» RECORDS FOR PROCESSING
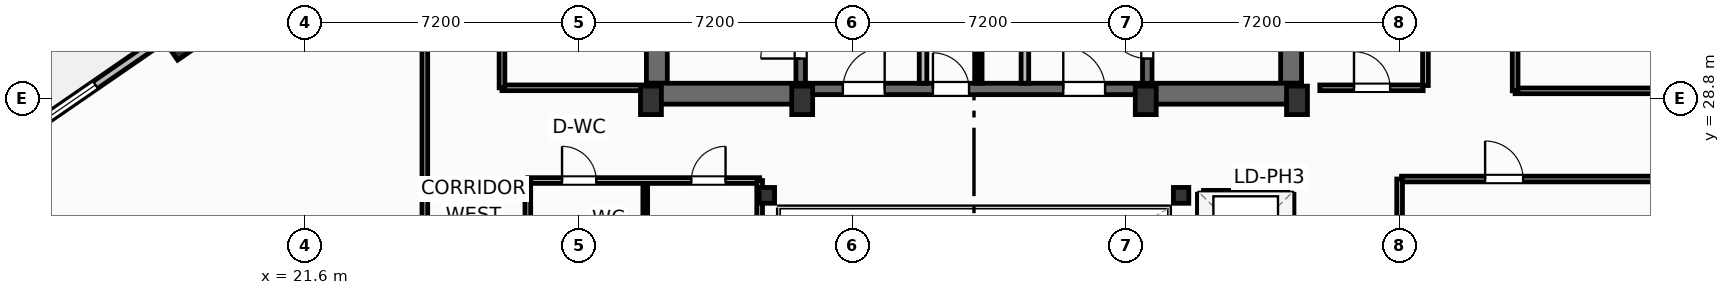
"""IFC4 building model, lengths in metres.
Left out: names, types, materials, properties, quantities, classifications, styles, units other than length and angle.
Written with IfcOpenShell. Run it as: python <this file> out.ifc"""

import sys

from ifc_helpers import new_model, si_unit, direction, frame, frame_2d, origin, origin_2d, place, context, subcontext, project, spatial, rectangle, i_section, extrude, element, fill, save


model = new_model("IFC4")
c1 = context("Model", 3, precision=1e-05, world=origin(), true_north=direction((0.0, 1.0)))
c2 = subcontext(c1, "Body", "Model", "MODEL_VIEW")
j1 = project(units=[si_unit("LENGTHUNIT", "METRE"), si_unit("PLANEANGLEUNIT", "RADIAN")], contexts=[c1])
p1 = place(None, origin())
s1 = spatial("IfcSite", under=j1, at=p1, CompositionType="ELEMENT")
p2 = place(p1, origin())
s2 = spatial("IfcBuilding", under=s1, at=p2, CompositionType="ELEMENT")
p3 = place(p2, frame((0.0, 0.0, 296.3)))
s3 = spatial("IfcBuildingStorey", under=s2, at=p3, CompositionType="ELEMENT", Elevation=296.3)
for number, where, z_axis, x_axis in (
    (1, (30.7, 28.75, 0.0), (0.0, 0.0, 1.0), (1.0, 0.0, 0.0)),
    (2, (34.68, 28.75, 0.0), (0.0, 0.0, 1.0), (1.0, 0.0, 0.0)),
    (3, (43.72, 28.75, 0.0), (0.0, 0.0, 1.0), (1.0, 0.0, 0.0)),
    (4, (47.7, 28.75, 0.0), (0.0, 0.0, 1.0), (1.0, 0.0, 0.0)),
):
    element("IfcColumn", number, at=place(p3, frame(where, z_axis=z_axis, x_axis=x_axis)), inside=s3, PredefinedType="COLUMN", context=c2, shape_type="SweptSolid", body=[
        extrude(rectangle(XDim=0.55, YDim=0.75, at=origin_2d()), origin(), (0.0, 0.0, 1.0), 4.8),
    ])
for number, where, z_axis, x_axis in (
    (5, (33.75, 26.25, 0.0), (0.0, 0.0, 1.0), (1.0, 0.0, 0.0)),
    (6, (44.65, 26.25, 0.0), (0.0, 0.0, 1.0), (1.0, 0.0, 0.0)),
):
    element("IfcColumn", number, at=place(p3, frame(where, z_axis=z_axis, x_axis=x_axis)), inside=s3, PredefinedType="COLUMN", context=c2, shape_type="SweptSolid", body=[
        extrude(i_section(OverallWidth=0.406, OverallDepth=0.416, WebThickness=0.03, FlangeThickness=0.048, FilletRadius=0.025, at=origin_2d()), origin(), (0.0, 0.0, 1.0), 4.8),
    ])
for number, where, z_axis, x_axis in (
    (7, (30.855, 29.2, 0.0), (0.0, 0.0, 1.0), (0.0, 1.0, 0.0)),
    (8, (47.545, 29.2, 0.0), (0.0, 0.0, 1.0), (0.0, 1.0, 0.0)),
):
    element("IfcWall", number, at=place(p3, frame(where, z_axis=z_axis, x_axis=x_axis)), inside=s3, PredefinedType="SHEAR", context=c2, shape_type="SweptSolid", body=[
        extrude(rectangle(XDim=9.22, YDim=0.55, at=frame_2d((4.61, 0.0))), origin(), (0.0, 0.0, 1.0), 4.55),
    ])
for number, where, z_axis, x_axis in (
    (9, (30.58, 28.925, 0.0), (0.0, 0.0, 1.0), (1.0, 0.0, 0.0)),
    (10, (43.6, 28.925, 0.0), (0.0, 0.0, 1.0), (1.0, 0.0, 0.0)),
):
    element("IfcWall", number, at=place(p3, frame(where, z_axis=z_axis, x_axis=x_axis)), inside=s3, PredefinedType="SHEAR", context=c2, shape_type="SweptSolid", body=[
        extrude(rectangle(XDim=4.22, YDim=0.55, at=frame_2d((2.11, 0.0))), origin(), (0.0, 0.0, 1.0), 4.55),
    ])
p4 = place(p3, frame((34.8, 29.05, 0.0), z_axis=(0.0, 0.0, 1.0), x_axis=(1.0, 0.0, 0.0)))
e11 = element("IfcWall", 11, at=p4, inside=s3, PredefinedType="SHEAR", context=c2, shape_type="SweptSolid", body=[
    extrude(rectangle(XDim=8.8, YDim=0.3, at=frame_2d((4.4, 0.0))), origin(), (0.0, 0.0, 1.0), 4.55),
])
p5 = place(p4, frame((0.95, 0.0, 0.0)))
e12 = element("IfcOpeningElement", 12, at=p5, cuts=e11, PredefinedType="OPENING", context=c2, shape_type="SweptSolid", body=[
    extrude(rectangle(XDim=1.1, YDim=2.15, at=frame_2d((0.55, 1.075))), frame((0.0, 0.16, 0.0), z_axis=(0.0, -1.0, 0.0), x_axis=(1.0, 0.0, 0.0)), (0.0, 0.0, 1.0), 0.32),
])
p6 = place(p4, frame((6.75, 0.0, 0.0)))
e13 = element("IfcOpeningElement", 13, at=p6, cuts=e11, PredefinedType="OPENING", context=c2, shape_type="SweptSolid", body=[
    extrude(rectangle(XDim=1.1, YDim=2.15, at=frame_2d((0.55, 1.075))), frame((0.0, 0.16, 0.0), z_axis=(0.0, -1.0, 0.0), x_axis=(1.0, 0.0, 0.0)), (0.0, 0.0, 1.0), 0.32),
])
p7 = place(p4, frame((3.32, 0.0, 0.0)))
e14 = element("IfcOpeningElement", 14, at=p7, cuts=e11, PredefinedType="OPENING", context=c2, shape_type="SweptSolid", body=[
    extrude(rectangle(XDim=0.95, YDim=2.15, at=frame_2d((0.475, 1.075))), frame((0.0, 0.16, 0.0), z_axis=(0.0, -1.0, 0.0), x_axis=(1.0, 0.0, 0.0)), (0.0, 0.0, 1.0), 0.32),
])
p8 = place(p3, frame((34.64, 29.2, 0.0), z_axis=(0.0, 0.0, 1.0), x_axis=(0.0, 1.0, 0.0)))
e15 = element("IfcWall", 15, at=p8, inside=s3, PredefinedType="SHEAR", context=c2, shape_type="SweptSolid", body=[
    extrude(rectangle(XDim=9.22, YDim=0.25, at=frame_2d((4.61, 0.0))), origin(), (0.0, 0.0, 1.0), 4.55),
])
p9 = place(p8, frame((0.65, 0.0, 0.0)))
e16 = element("IfcOpeningElement", 16, at=p9, cuts=e15, PredefinedType="OPENING", context=c2, shape_type="SweptSolid", body=[
    extrude(rectangle(XDim=1.05, YDim=2.15, at=frame_2d((0.525, 1.075))), frame((0.0, 0.135, 0.0), z_axis=(0.0, -1.0, 0.0), x_axis=(1.0, 0.0, 0.0)), (0.0, 0.0, 1.0), 0.27),
])
p10 = place(p3, frame((43.76, 29.2, 0.0), z_axis=(0.0, 0.0, 1.0), x_axis=(0.0, 1.0, 0.0)))
e17 = element("IfcWall", 17, at=p10, inside=s3, PredefinedType="SHEAR", context=c2, shape_type="SweptSolid", body=[
    extrude(rectangle(XDim=9.22, YDim=0.25, at=frame_2d((4.61, 0.0))), origin(), (0.0, 0.0, 1.0), 4.55),
])
p11 = place(p10, frame((0.65, 0.0, 0.0)))
e18 = element("IfcOpeningElement", 18, at=p11, cuts=e17, PredefinedType="OPENING", context=c2, shape_type="SweptSolid", body=[
    extrude(rectangle(XDim=1.05, YDim=2.15, at=frame_2d((0.525, 1.075))), frame((0.0, 0.135, 0.0), z_axis=(0.0, -1.0, 0.0), x_axis=(1.0, 0.0, 0.0)), (0.0, 0.0, 1.0), 0.27),
])
p12 = place(p3, frame((18.296, 30.086, -0.32), z_axis=(0.0, 0.0, 1.0), x_axis=(0.823532597628, 0.567268949127, 0.0)))
e19 = element("IfcColumn", 19, at=p12, inside=s3, PredefinedType="COLUMN", context=c2, shape_type="SweptSolid", body=[
    extrude(i_section(OverallWidth=0.401, OverallDepth=0.399, WebThickness=0.025, FlangeThickness=0.04, FilletRadius=0.022, at=origin_2d()), origin(), (0.0, 0.0, 1.0), 5.12),
])
p13 = place(p3, frame((13.489, 27.37, 0.0), z_axis=(0.0, 0.0, 1.0), x_axis=(0.823532439547, 0.567269178622, 0.0)))
e20 = element("IfcWall", 20, at=p13, inside=s3, PredefinedType="SOLIDWALL", context=c2, shape_type="SweptSolid", body=[
    extrude(rectangle(XDim=40.0, YDim=0.22, at=frame_2d((20.0, 0.0))), origin(), (0.0, 0.0, 1.0), 3.83),
])
p14 = place(p13, frame((25.598, 0.0, 0.0)))
e21 = element("IfcOpeningElement", 21, at=p14, cuts=e20, PredefinedType="OPENING", context=c2, shape_type="SweptSolid", body=[
    extrude(rectangle(XDim=1.95, YDim=2.35, at=frame_2d((0.975, 1.175))), frame((0.0, 0.12, 0.0), z_axis=(0.0, -1.0, 0.0), x_axis=(1.0, 0.0, 0.0)), (0.0, 0.0, 1.0), 0.24),
])
p15 = place(p13, frame((0.55, 0.0, 0.75)))
e22 = element("IfcOpeningElement", 22, at=p15, cuts=e20, PredefinedType="OPENING", context=c2, shape_type="SweptSolid", body=[
    extrude(rectangle(XDim=2.6, YDim=2.0, at=frame_2d((1.3, 1.0))), frame((0.0, 0.12, 0.0), z_axis=(0.0, -1.0, 0.0), x_axis=(1.0, 0.0, 0.0)), (0.0, 0.0, 1.0), 0.24),
])
p16 = place(p13, frame((36.85, 0.0, 0.75)))
e23 = element("IfcOpeningElement", 23, at=p16, cuts=e20, PredefinedType="OPENING", context=c2, shape_type="SweptSolid", body=[
    extrude(rectangle(XDim=2.6, YDim=2.0, at=frame_2d((1.3, 1.0))), frame((0.0, 0.12, 0.0), z_axis=(0.0, -1.0, 0.0), x_axis=(1.0, 0.0, 0.0)), (0.0, 0.0, 1.0), 0.24),
])
p17 = place(p3, frame((27.46, 26.64, 0.0), z_axis=(0.0, 0.0, 1.0), x_axis=(1.0, 0.0, 0.0)))
e24 = element("IfcWall", 24, at=p17, inside=s3, PredefinedType="PARTITIONING", context=c2, shape_type="SweptSolid", body=[
    extrude(rectangle(XDim=6.1, YDim=0.15, at=frame_2d((3.05, 0.0))), origin(), (0.0, 0.0, 1.0), 4.55),
])
p18 = place(p17, frame((0.9, 0.0, 0.0)))
e25 = element("IfcOpeningElement", 25, at=p18, cuts=e24, PredefinedType="OPENING", context=c2, shape_type="SweptSolid", body=[
    extrude(rectangle(XDim=0.9, YDim=2.05, at=frame_2d((0.45, 1.025))), frame((0.0, 0.085, 0.0), z_axis=(0.0, -1.0, 0.0), x_axis=(1.0, 0.0, 0.0)), (0.0, 0.0, 1.0), 0.17),
])
p19 = place(p17, frame((4.303, 0.0, 0.0)))
e26 = element("IfcOpeningElement", 26, at=p19, cuts=e24, PredefinedType="OPENING", context=c2, shape_type="SweptSolid", body=[
    extrude(rectangle(XDim=0.9, YDim=2.05, at=frame_2d((0.45, 1.025))), frame((0.0, 0.085, 0.0), z_axis=(0.0, -1.0, 0.0), x_axis=(1.0, 0.0, 0.0)), (0.0, 0.0, 1.0), 0.17),
])
p20 = place(p3, frame((30.55, 19.38, 0.0), z_axis=(0.0, 0.0, 1.0), x_axis=(0.0, 1.0, 0.0)))
e27 = element("IfcWall", 27, at=p20, inside=s3, PredefinedType="PARTITIONING", context=c2, shape_type="SweptSolid", body=[
    extrude(rectangle(XDim=7.18, YDim=0.125, at=frame_2d((3.59, 0.0))), origin(), (0.0, 0.0, 1.0), 4.55),
])
p21 = place(p3, frame((27.46, 19.3, 0.0), z_axis=(0.0, 0.0, 1.0), x_axis=(0.0, 1.0, 0.0)))
e28 = element("IfcWall", 28, at=p21, inside=s3, PredefinedType="PARTITIONING", context=c2, shape_type="SweptSolid", body=[
    extrude(rectangle(XDim=7.34, YDim=0.15, at=frame_2d((3.67, 0.0))), origin(), (0.0, 0.0, 1.0), 4.55),
])
p22 = place(p3, frame((33.56, 19.3, 0.0), z_axis=(0.0, 0.0, 1.0), x_axis=(0.0, 1.0, 0.0)))
e29 = element("IfcWall", 29, at=p22, inside=s3, PredefinedType="PARTITIONING", context=c2, shape_type="SweptSolid", body=[
    extrude(rectangle(XDim=7.34, YDim=0.15, at=frame_2d((3.67, 0.0))), origin(), (0.0, 0.0, 1.0), 3.924),
])
p23 = place(p3, frame((24.75, 16.85, 0.0), z_axis=(0.0, 0.0, 1.0), x_axis=(0.0, 1.0, 0.0)))
e30 = element("IfcWall", 30, at=p23, inside=s3, PredefinedType="PARTITIONING", context=c2, shape_type="SweptSolid", body=[
    extrude(rectangle(XDim=18.241, YDim=0.15, at=frame_2d((9.12, 0.0))), origin(), (0.0, 0.0, 1.0), 4.55),
])
p24 = place(p23, frame((5.2, 0.0, 0.0)))
e31 = element("IfcOpeningElement", 31, at=p24, cuts=e30, PredefinedType="OPENING", context=c2, shape_type="SweptSolid", body=[
    extrude(rectangle(XDim=1.0, YDim=2.05, at=frame_2d((0.5, 1.025))), frame((0.0, 0.085, 0.0), z_axis=(0.0, -1.0, 0.0), x_axis=(1.0, 0.0, 0.0)), (0.0, 0.0, 1.0), 0.17),
])
p25 = place(p3, frame((53.44, 29.0, 0.0), z_axis=(0.0, 0.0, 1.0), x_axis=(1.0, 0.0, 0.0)))
e32 = element("IfcWall", 32, at=p25, inside=s3, PredefinedType="PARTITIONING", context=c2, shape_type="SweptSolid", body=[
    extrude(rectangle(XDim=12.56, YDim=0.15, at=frame_2d((6.28, 0.0))), origin(), (0.0, 0.0, 1.0), 4.55),
])
p26 = place(p3, frame((53.44, 29.0, 0.0), z_axis=(0.0, 0.0, 1.0), x_axis=(0.0, 1.0, 0.0)))
e33 = element("IfcWall", 33, at=p26, inside=s3, PredefinedType="PARTITIONING", context=c2, shape_type="SweptSolid", body=[
    extrude(rectangle(XDim=10.32, YDim=0.15, at=frame_2d((5.16, 0.0))), origin(), (0.0, 0.0, 1.0), 4.55),
])
p27 = place(p26, frame((3.5, 0.0, 0.0)))
e34 = element("IfcOpeningElement", 34, at=p27, cuts=e33, PredefinedType="OPENING", context=c2, shape_type="SweptSolid", body=[
    extrude(rectangle(XDim=2.0, YDim=2.05, at=frame_2d((1.0, 1.025))), frame((0.0, 0.085, 0.0), z_axis=(0.0, -1.0, 0.0), x_axis=(1.0, 0.0, 0.0)), (0.0, 0.0, 1.0), 0.17),
])
p28 = place(p3, frame((50.45, 26.68, 0.0), z_axis=(0.0, 0.0, 1.0), x_axis=(1.0, 0.0, 0.0)))
e35 = element("IfcWall", 35, at=p28, inside=s3, PredefinedType="PARTITIONING", context=c2, shape_type="SweptSolid", body=[
    extrude(rectangle(XDim=15.55, YDim=0.15, at=frame_2d((7.775, 0.0))), origin(), (0.0, 0.0, 1.0), 4.55),
])
p29 = place(p28, frame((2.2, 0.0, 0.0)))
e36 = element("IfcOpeningElement", 36, at=p29, cuts=e35, PredefinedType="OPENING", context=c2, shape_type="SweptSolid", body=[
    extrude(rectangle(XDim=1.0, YDim=2.05, at=frame_2d((0.5, 1.025))), frame((0.0, 0.085, 0.0), z_axis=(0.0, -1.0, 0.0), x_axis=(1.0, 0.0, 0.0)), (0.0, 0.0, 1.0), 0.17),
])
p30 = place(p3, frame((50.4, 19.3, 0.0), z_axis=(0.0, 0.0, 1.0), x_axis=(0.0, 1.0, 0.0)))
e37 = element("IfcWall", 37, at=p30, inside=s3, PredefinedType="PARTITIONING", context=c2, shape_type="SweptSolid", body=[
    extrude(rectangle(XDim=7.38, YDim=0.15, at=frame_2d((3.69, 0.0))), origin(), (0.0, 0.0, 1.0), 4.55),
])
for number, where, z_axis, x_axis in (
    (38, (37.86, 29.2, 0.0), (0.0, 0.0, 1.0), (0.0, 1.0, 0.0)),
    (39, (40.54, 29.2, 0.0), (0.0, 0.0, 1.0), (0.0, 1.0, 0.0)),
):
    element("IfcWall", number, at=place(p3, frame(where, z_axis=z_axis, x_axis=x_axis)), inside=s3, PredefinedType="PARTITIONING", context=c2, shape_type="SweptSolid", body=[
        extrude(rectangle(XDim=5.18, YDim=0.2, at=frame_2d((2.59, 0.0))), origin(), (0.0, 0.0, 1.0), 4.55),
    ])
p31 = place(p3, frame((39.35, 29.2, 0.0), z_axis=(0.0, 0.0, 1.0), x_axis=(0.0, 1.0, 0.0)))
e40 = element("IfcWall", 40, at=p31, inside=s3, PredefinedType="PARTITIONING", context=c2, shape_type="SweptSolid", body=[
    extrude(rectangle(XDim=5.22, YDim=0.125, at=frame_2d((2.61, 0.0))), origin(), (0.0, 0.0, 1.0), 4.55),
])
p32 = place(p31, frame((2.05, 0.0, 0.0)))
e41 = element("IfcOpeningElement", 41, at=p32, cuts=e40, PredefinedType="OPENING", context=c2, shape_type="SweptSolid", body=[
    extrude(rectangle(XDim=0.85, YDim=2.05, at=frame_2d((0.425, 1.025))), frame((0.0, 0.073, 0.0), z_axis=(0.0, -1.0, 0.0), x_axis=(1.0, 0.0, 0.0)), (0.0, 0.0, 1.0), 0.145),
])
p33 = place(p3, frame((26.78, 29.08, 0.0), z_axis=(0.0, 0.0, 1.0), x_axis=(1.0, 0.0, 0.0)))
e42 = element("IfcWall", 42, at=p33, inside=s3, PredefinedType="PARTITIONING", context=c2, shape_type="SweptSolid", body=[
    extrude(rectangle(XDim=3.8, YDim=0.15, at=frame_2d((1.9, 0.0))), origin(), (0.0, 0.0, 1.0), 3.839),
])
p34 = place(p3, frame((26.78, 29.08, 0.0), z_axis=(0.0, 0.0, 1.0), x_axis=(0.0, 1.0, 0.0)))
e43 = element("IfcWall", 43, at=p34, inside=s3, PredefinedType="PARTITIONING", context=c2, shape_type="SweptSolid", body=[
    extrude(rectangle(XDim=9.18, YDim=0.15, at=frame_2d((4.59, 0.0))), origin(), (0.0, 0.0, 1.0), 4.55),
])
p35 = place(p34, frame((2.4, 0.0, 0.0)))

» YOUR OBJECTIVE
State the number of lines in the data that include the string "CompositionType", and add nothing else.

» EXERCISE OUTPUT
3